SUPPLIED ENTRIES below:

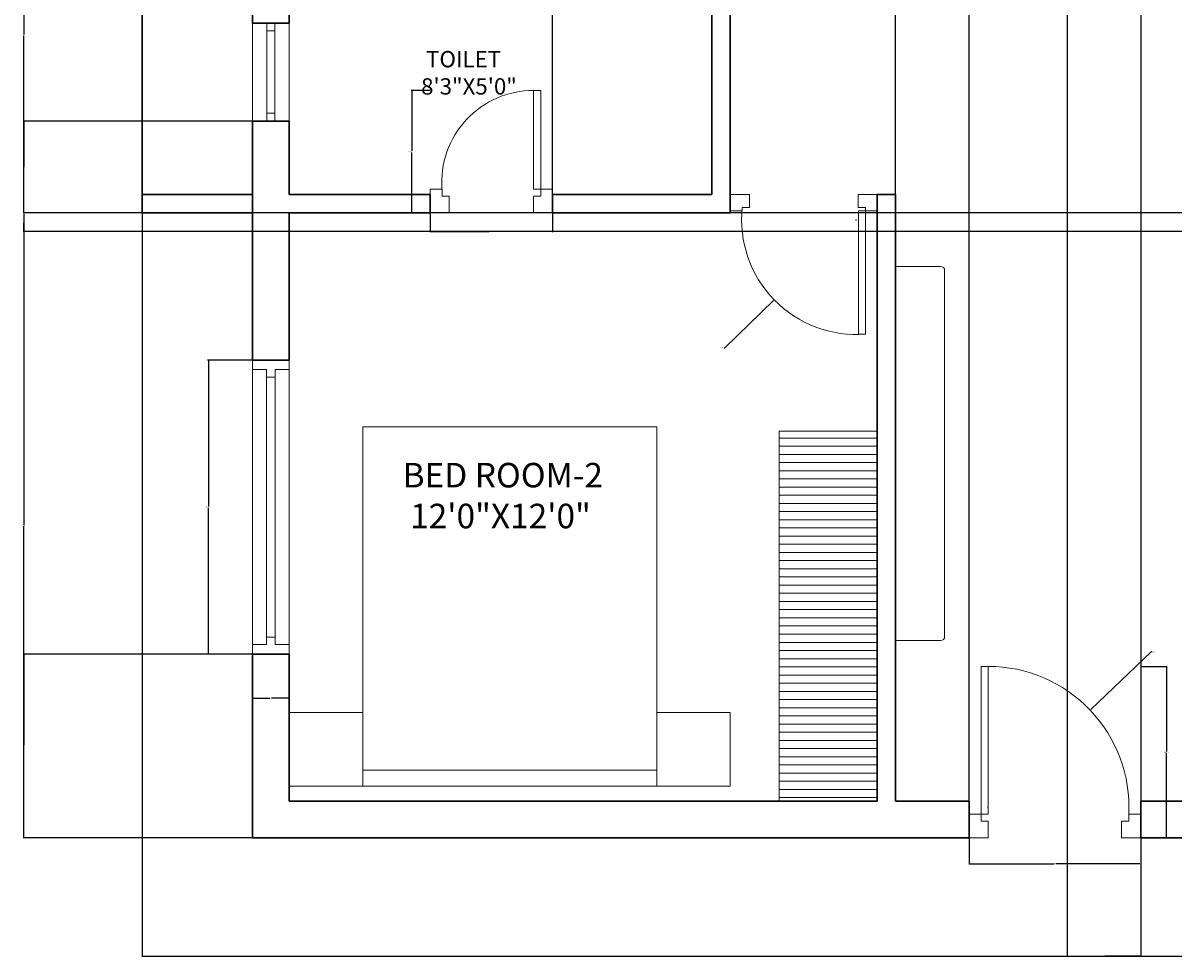
# Model space of a CAD drawing. Units: inches. Extents: x 2134 to 2768, y 715 to 1206.
# Tile 1 of 4: x 2135 to 2416, y 715 to 944. Entities that reach past the tile are written whole.
import ezdxf

# ---------------------------------------------------------------- set-up
doc = ezdxf.new("R2010")
doc.units = ezdxf.units.IN
for name, color, linetype, lineweight in [('A-ANNO-DIMS', 2, 'Continuous', 18), ('A-AREA-IDEN', 7, 'Continuous', 18), ('A-DOOR', 251, 'Continuous', 13), ('A-FLOR-CASE', 251, 'Continuous', 13), ('A-FLOR-CASE-PATT', 252, 'Continuous', 9), ('A-FURN', 251, 'Continuous', 13), ('A-WALL', 7, 'Continuous', 30), ('A-WINDOW', 251, 'Continuous', 13)]:
    doc.layers.add(name, color=color, linetype=linetype, lineweight=lineweight)
doc.styles.get("Standard").update_dxf_attribs({"font": 'arial.ttf'})
doc.dimstyles.get("Standard").update_dxf_attribs({"dimtxt": 0.18, "dimasz": 0.18, "dimexe": 0.18, "dimexo": 0.0625, "dimgap": 0.09, "dimtad": 0, "dimtih": 1, "dimtoh": 1, "dimdec": 4, "dimzin": 0, "dimdsep": 46, "dimtxsty": 'Standard', "dimcen": 0.09, "dimadec": 0, "dimazin": 0, "dimtfac": 1, "dimtdec": 4, "dimtofl": 0, "dimtmove": 0, "dimatfit": 3, "dimfxl": 1, "dimtolj": 1, "dimtzin": 0, "dimarcsym": 0})

# ---------------------------------------------------------------- blocks, each defined once
blk = doc.blocks.new('3 6 2')
at = {"layer": 'A-DOOR'}
for points in [[(-36.75, 5.83), (-36.75, 42), (-35, 42), (-35, 5.83)], [(-36.75, 4.08), (-35, 4.08), (-35, 0), (-39.67, 0), (-39.67, 5.83), (-36.75, 5.83)], [(-0.58, 5.83), (-0.58, 4.08), (-2.33, 4.08), (-2.33, 0), (2.33, 0), (2.33, 5.83)]]:
    blk.add_lwpolyline(points, close=True, dxfattribs=at)
at = {"layer": 'A-DOOR', "ltscale": 0.1}
blk.add_arc((-35, 7.54), 34.46, 357.1595, 90, dxfattribs=at)
blk = doc.blocks.new('ARCHITRAVE')
at = {"layer": 'A-DOOR'}
for p, q in [((0, 0), (0, 4)), ((0, 3.99), (2.92, 3.99)), ((2.92, 3.99), (2.92, 3.17)), ((2.92, 3.17), (4.67, 3.17)), ((4.67, 3.17), (4.67, 0)), ((4.67, 0), (0, 0))]:
    blk.add_line(p, q, dxfattribs=at)
blk = doc.blocks.new('3 FEET DOOR')
at = {"layer": 'A-DOOR'}
blk.add_lwpolyline([(-34.02, 3.98), (-34.02, 34.15), (-32.27, 34.15), (-32.27, 3.98)], close=True, dxfattribs=at)
at = {"layer": 'A-DOOR', "ltscale": 0.1}
blk.add_arc((-31.74, 6.19), 28.05, 353.8214, 94.662, dxfattribs=at)
at = {"layer": 'A-DOOR'}
blk.add_blockref('ARCHITRAVE', (-36.91, 0), dxfattribs=at)
at = {"layer": 'A-DOOR', "xscale": -1}
blk.add_blockref('ARCHITRAVE', (-0.93, 0), dxfattribs=at)
blk = doc.blocks.new('2 feet 6 inch door')
at = {"layer": 'A-DOOR'}
for points in [[(2.92, 5.83), (2.92, 30), (4.67, 30), (4.67, 5.83)], [(2.92, 4.08), (4.67, 4.08), (4.67, 0), (0, 0), (0, 5.83), (2.92, 5.83)], [(27.08, 5.83), (27.08, 4.08), (25.33, 4.08), (25.33, 0), (30, 0), (30, 5.83)]]:
    blk.add_lwpolyline(points, close=True, dxfattribs=at)
at = {"layer": 'A-DOOR', "ltscale": 0.1}
blk.add_arc((4.67, 7.52), 22.48, 355.6972, 90, dxfattribs=at)
blk = doc.blocks.new('bed')
at = {"layer": 'A-FURN'}
for points in [[(3369.68, 925.24), (3297.68, 925.24), (3297.68, 1009.24), (3369.68, 1009.24)], [(3297.68, 921.32), (3279.68, 921.32), (3279.68, 939.32), (3297.68, 939.32)], [(3369.68, 921.32), (3387.68, 921.32), (3387.68, 939.32), (3369.68, 939.32)], [(3297.68, 925.24), (3369.68, 925.24), (3369.68, 921.32), (3297.68, 921.32)]]:
    blk.add_lwpolyline(points, close=True, dxfattribs=at)
blk = doc.blocks.new("2' ventilators")
at = {"layer": 'A-WINDOW'}
for p, q in [((24, 5.5), (0, 5.5)), ((1.93, 5.5), (1.93, 3.5)), ((22.07, 5.5), (22.07, 3.5))]:
    blk.add_line(p, q, dxfattribs=at)
for points in [[(0, 9), (24, 9), (24, 0), (0, 0), (0, 9)], [(24, 3.5), (0, 3.5)]]:
    blk.add_lwpolyline(points, dxfattribs=at)
blk = doc.blocks.new('WINDOW FRAME')
at = {"layer": 'A-WINDOW'}
for points in [[(4178.2, 4970.76), (4174.8, 4970.76), (4174.8, 4968.41), (4183.8, 4968.41), (4183.8, 4970.76), (4180.39, 4970.76)], [(4180.39, 4970.76), (4180.39, 4972.59), (4178.2, 4972.59), (4178.2, 4970.76)]]:
    blk.add_lwpolyline(points, dxfattribs=at)
blk = doc.blocks.new('6 feet door')
at = {"layer": 'A-WINDOW'}
for p, q in [((-69.65, 9), (-2.35, 9)), ((-4.18, 5.59), (-67.82, 5.59)), ((-4.18, 3.41), (-67.82, 3.41)), ((-69.65, 0), (-2.35, 0))]:
    blk.add_line(p, q, dxfattribs=at)
at = {"layer": 'A-WINDOW', "rotation": 270}
blk.add_blockref('WINDOW FRAME', (-5040.41, 4183.8), dxfattribs=at)
at = {"layer": 'A-WINDOW', "xscale": -1, "rotation": 90}
blk.add_blockref('WINDOW FRAME', (4968.41, 4183.8), dxfattribs=at)
blk = doc.blocks.new('*D53')
at = {"layer": 'A-ANNO-DIMS', "color": 0, "lineweight": -2, "transparency": 16777216}
for p, q in [((2234.22, 927.11), (2229.61, 927.11)), ((2229.79, 926.93), (2229.79, 912.29)), ((2229.79, 897.29), (2229.79, 911.92)), ((2234.22, 897.11), (2229.61, 897.11))]:
    blk.add_line(p, q, dxfattribs=at)
at = {"layer": 'A-ANNO-DIMS', "color": 0, "transparency": 16777216}
for points in [[(2229.76, 926.93), (2229.82, 926.93), (2229.79, 927.11)], [(2229.76, 897.29), (2229.82, 897.29), (2229.79, 897.11)]]:
    blk.add_solid(points, dxfattribs=at)
at = {"layer": 'Defpoints', "color": 0, "transparency": 16777216}
for p in [(2229.79, 927.11), (2234.29, 927.11), (2234.29, 897.11)]:
    blk.add_point(p, dxfattribs=at)
at = {"layer": 'A-ANNO-DIMS', "color": 0, "transparency": 16777216, "insert": (2229.79, 912.11), "char_height": 0.18, "attachment_point": 5}
blk.add_mtext('\\A1;BATH DOOR 30 TYP.', dxfattribs=at)
blk = doc.blocks.new('*D54')
at = {"layer": 'A-ANNO-DIMS', "color": 0, "lineweight": -2, "transparency": 16777216}
for p, q in [((2234.29, 897.04), (2234.29, 892.43)), ((2264.29, 897.04), (2264.29, 892.43)), ((2234.47, 892.61), (2248.76, 892.61)), ((2264.11, 892.61), (2249.82, 892.61))]:
    blk.add_line(p, q, dxfattribs=at)
at = {"layer": 'A-ANNO-DIMS', "color": 0, "transparency": 16777216}
for points in [[(2234.47, 892.64), (2234.47, 892.58), (2234.29, 892.61)], [(2264.11, 892.64), (2264.11, 892.58), (2264.29, 892.61)]]:
    blk.add_solid(points, dxfattribs=at)
at = {"layer": 'Defpoints', "color": 0, "transparency": 16777216}
for p in [(2234.29, 897.11), (2264.29, 897.11), (2234.29, 892.61)]:
    blk.add_point(p, dxfattribs=at)
at = {"layer": 'A-ANNO-DIMS', "color": 0, "transparency": 16777216, "insert": (2249.29, 892.61), "char_height": 0.18, "attachment_point": 5}
blk.add_mtext('\\A1;30 TYP.', dxfattribs=at)
blk = doc.blocks.new('*D69')
at = {"layer": 'A-ANNO-DIMS', "color": 0, "lineweight": -2, "transparency": 16777216}
for p, q in [((2408.35, 786.11), (2414.77, 786.11)), ((2414.59, 785.93), (2414.59, 765.29)), ((2414.59, 744.29), (2414.59, 764.93)), ((2408.35, 744.11), (2414.77, 744.11))]:
    blk.add_line(p, q, dxfattribs=at)
at = {"layer": 'A-ANNO-DIMS', "color": 0, "transparency": 16777216}
for points in [[(2414.56, 785.93), (2414.62, 785.93), (2414.59, 786.11)], [(2414.56, 744.29), (2414.62, 744.29), (2414.59, 744.11)]]:
    blk.add_solid(points, dxfattribs=at)
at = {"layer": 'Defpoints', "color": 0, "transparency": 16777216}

End of SUPPLIED ENTRIES.

▸ **TASK REQUIREMENTS**: Which lines of the data include the word "xscale"? Copy each one.

▸ **EXERCISE SOLUTION**:
at = {"layer": 'A-DOOR', "xscale": -1}
at = {"layer": 'A-WINDOW', "xscale": -1, "rotation": 90}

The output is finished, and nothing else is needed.